ASSIGNED TASK: Wherever the word "parting" turns up in a line of the entries, copy that line.

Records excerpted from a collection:
+ + +
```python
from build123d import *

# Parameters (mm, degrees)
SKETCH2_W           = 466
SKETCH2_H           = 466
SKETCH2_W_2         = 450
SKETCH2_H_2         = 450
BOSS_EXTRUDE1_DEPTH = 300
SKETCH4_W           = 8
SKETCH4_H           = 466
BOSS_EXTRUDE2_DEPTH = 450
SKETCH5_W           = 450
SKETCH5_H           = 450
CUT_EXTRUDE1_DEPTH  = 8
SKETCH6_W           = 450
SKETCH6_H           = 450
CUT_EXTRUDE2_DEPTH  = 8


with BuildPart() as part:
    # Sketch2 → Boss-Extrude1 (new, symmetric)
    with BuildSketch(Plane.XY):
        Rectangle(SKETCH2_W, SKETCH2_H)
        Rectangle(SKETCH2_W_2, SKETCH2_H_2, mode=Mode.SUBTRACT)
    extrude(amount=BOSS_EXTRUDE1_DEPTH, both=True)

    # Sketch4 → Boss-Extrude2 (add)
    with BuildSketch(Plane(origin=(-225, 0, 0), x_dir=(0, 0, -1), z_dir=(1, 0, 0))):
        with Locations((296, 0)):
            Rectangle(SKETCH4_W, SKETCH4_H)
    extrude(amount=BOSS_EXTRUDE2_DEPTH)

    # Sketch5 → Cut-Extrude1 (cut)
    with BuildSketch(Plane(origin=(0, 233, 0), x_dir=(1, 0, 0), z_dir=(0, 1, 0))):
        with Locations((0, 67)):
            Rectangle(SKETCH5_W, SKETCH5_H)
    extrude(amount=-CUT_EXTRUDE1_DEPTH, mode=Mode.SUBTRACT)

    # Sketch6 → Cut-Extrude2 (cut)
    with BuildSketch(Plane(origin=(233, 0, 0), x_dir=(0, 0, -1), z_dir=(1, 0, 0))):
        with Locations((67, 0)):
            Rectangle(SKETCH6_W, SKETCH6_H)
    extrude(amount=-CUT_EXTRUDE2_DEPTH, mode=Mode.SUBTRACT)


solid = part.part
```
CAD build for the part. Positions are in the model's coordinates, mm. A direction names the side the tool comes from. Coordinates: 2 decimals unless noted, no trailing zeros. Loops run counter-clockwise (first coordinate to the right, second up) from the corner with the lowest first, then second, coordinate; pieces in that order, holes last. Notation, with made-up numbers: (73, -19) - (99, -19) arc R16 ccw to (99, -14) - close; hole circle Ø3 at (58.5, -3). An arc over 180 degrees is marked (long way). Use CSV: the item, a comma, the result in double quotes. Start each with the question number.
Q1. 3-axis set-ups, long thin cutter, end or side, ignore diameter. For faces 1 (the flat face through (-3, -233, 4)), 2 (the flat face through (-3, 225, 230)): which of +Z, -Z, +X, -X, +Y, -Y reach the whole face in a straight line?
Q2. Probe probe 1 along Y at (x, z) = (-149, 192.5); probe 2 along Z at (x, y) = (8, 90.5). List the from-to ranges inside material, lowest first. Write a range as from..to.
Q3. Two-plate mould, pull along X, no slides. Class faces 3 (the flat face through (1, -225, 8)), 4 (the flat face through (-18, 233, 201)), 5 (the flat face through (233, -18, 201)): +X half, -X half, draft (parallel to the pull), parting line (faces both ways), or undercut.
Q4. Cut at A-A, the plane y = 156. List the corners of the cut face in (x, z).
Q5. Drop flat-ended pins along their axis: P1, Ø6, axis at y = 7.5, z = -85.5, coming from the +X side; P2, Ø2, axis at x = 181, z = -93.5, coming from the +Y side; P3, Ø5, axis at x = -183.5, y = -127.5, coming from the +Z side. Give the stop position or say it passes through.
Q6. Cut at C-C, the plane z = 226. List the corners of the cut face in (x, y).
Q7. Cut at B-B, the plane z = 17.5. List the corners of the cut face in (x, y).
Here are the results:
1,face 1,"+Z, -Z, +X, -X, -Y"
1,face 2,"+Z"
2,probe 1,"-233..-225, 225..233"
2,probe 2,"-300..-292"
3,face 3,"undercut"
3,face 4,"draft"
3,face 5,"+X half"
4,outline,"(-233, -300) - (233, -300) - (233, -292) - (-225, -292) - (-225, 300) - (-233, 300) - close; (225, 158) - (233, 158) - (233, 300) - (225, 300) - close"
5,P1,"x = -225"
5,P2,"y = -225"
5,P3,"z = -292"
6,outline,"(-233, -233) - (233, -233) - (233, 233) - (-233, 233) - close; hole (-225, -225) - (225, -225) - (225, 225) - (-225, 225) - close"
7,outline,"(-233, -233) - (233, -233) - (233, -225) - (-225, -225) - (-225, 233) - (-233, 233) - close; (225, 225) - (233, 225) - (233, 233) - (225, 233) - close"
+ + +
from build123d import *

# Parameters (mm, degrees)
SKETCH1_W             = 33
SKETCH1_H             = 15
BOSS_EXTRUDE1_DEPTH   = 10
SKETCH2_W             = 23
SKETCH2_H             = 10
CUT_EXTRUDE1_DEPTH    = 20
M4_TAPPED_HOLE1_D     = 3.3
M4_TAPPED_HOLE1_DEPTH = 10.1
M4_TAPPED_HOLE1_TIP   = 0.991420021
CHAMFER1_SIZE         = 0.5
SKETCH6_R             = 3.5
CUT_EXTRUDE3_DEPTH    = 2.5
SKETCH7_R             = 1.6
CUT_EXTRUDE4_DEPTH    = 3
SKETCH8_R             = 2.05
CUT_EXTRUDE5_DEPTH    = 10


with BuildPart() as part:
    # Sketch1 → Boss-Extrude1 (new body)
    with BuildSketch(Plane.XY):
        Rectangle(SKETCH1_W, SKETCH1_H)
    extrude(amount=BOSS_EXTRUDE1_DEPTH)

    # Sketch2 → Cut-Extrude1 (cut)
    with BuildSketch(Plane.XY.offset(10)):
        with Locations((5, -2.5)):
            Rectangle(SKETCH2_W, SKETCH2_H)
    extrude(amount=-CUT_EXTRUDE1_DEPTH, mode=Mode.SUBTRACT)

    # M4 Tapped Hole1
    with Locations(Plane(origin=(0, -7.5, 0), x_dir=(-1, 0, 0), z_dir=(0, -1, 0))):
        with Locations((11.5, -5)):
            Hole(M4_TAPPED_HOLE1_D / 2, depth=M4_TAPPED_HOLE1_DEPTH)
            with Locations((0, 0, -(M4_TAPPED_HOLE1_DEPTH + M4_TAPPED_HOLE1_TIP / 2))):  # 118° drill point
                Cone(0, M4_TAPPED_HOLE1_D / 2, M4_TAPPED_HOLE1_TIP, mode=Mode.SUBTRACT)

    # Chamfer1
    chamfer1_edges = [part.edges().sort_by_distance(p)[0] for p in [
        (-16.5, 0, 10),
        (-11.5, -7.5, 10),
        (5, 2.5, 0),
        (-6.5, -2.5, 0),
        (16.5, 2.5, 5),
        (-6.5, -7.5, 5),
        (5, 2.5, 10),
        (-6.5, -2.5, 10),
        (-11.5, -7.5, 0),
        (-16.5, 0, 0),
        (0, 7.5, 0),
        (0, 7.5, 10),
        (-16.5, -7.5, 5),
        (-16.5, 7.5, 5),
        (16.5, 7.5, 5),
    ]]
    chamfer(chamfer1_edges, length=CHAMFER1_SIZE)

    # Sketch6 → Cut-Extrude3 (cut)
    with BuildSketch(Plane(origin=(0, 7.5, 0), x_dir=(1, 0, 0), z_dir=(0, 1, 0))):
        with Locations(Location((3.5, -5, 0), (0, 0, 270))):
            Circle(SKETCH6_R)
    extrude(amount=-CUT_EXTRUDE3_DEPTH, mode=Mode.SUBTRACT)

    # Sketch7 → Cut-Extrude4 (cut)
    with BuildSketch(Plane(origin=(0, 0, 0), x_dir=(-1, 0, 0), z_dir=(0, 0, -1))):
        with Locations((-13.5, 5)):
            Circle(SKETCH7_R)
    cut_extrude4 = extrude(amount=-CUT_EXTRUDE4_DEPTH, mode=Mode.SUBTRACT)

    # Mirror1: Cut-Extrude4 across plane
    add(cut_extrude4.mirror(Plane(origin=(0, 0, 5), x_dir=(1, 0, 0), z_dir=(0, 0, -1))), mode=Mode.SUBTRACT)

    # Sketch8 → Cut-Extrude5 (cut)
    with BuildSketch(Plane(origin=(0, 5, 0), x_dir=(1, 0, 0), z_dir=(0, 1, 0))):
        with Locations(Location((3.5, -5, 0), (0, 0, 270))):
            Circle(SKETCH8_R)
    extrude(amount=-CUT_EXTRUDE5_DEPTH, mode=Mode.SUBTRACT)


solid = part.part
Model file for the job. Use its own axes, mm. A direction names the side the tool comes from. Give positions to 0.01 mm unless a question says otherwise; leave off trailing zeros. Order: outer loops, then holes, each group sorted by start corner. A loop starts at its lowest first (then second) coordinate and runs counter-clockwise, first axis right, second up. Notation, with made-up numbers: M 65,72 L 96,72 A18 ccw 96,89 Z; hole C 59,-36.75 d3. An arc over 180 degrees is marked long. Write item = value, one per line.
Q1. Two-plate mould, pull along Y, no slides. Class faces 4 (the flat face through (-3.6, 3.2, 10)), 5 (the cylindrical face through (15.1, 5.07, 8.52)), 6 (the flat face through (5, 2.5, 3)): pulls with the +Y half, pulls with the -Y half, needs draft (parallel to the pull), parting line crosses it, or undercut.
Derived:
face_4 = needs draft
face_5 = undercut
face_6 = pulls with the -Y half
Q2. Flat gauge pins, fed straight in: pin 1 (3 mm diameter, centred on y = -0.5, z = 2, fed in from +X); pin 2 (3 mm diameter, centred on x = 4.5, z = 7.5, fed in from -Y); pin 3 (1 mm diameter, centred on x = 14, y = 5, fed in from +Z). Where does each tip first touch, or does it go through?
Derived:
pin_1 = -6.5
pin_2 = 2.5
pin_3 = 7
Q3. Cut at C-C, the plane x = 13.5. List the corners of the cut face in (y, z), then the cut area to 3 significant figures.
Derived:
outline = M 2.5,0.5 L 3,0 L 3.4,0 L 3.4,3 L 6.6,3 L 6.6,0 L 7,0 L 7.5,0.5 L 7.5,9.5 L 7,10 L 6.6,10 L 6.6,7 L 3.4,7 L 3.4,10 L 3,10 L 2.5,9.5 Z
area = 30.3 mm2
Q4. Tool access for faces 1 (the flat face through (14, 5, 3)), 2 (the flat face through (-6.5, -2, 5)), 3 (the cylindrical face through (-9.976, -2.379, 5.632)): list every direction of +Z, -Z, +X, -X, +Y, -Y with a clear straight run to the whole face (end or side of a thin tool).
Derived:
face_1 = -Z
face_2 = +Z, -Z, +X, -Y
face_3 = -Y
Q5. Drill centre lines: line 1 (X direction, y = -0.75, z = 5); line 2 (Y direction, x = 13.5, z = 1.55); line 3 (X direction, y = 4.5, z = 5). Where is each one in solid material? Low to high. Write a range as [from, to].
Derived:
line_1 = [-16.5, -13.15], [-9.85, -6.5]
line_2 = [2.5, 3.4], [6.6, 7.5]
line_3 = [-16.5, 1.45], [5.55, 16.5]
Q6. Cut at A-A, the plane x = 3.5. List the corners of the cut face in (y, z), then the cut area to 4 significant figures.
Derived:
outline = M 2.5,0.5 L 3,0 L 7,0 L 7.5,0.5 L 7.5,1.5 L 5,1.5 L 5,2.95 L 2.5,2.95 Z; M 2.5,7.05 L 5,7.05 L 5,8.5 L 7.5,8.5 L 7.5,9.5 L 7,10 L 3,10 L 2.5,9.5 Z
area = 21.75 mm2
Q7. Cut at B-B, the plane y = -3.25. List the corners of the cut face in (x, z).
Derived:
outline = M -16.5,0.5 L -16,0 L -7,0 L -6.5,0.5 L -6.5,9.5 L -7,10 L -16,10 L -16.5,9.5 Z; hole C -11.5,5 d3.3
+ + +
ANSWER FOR THIS EXERCISE:
Q3. Two-plate mould, pull along X, no slides. Class faces 3 (the flat face through (1, -225, 8)), 4 (the flat face through (-18, 233, 201)), 5 (the flat face through (233, -18, 201)): +X half, -X half, draft (parallel to the pull), parting line (faces both ways), or undercut.
Q1. Two-plate mould, pull along Y, no slides. Class faces 4 (the flat face through (-3.6, 3.2, 10)), 5 (the cylindrical face through (15.1, 5.07, 8.52)), 6 (the flat face through (5, 2.5, 3)): pulls with the +Y half, pulls with the -Y half, needs draft (parallel to the pull), parting line crosses it, or undercut.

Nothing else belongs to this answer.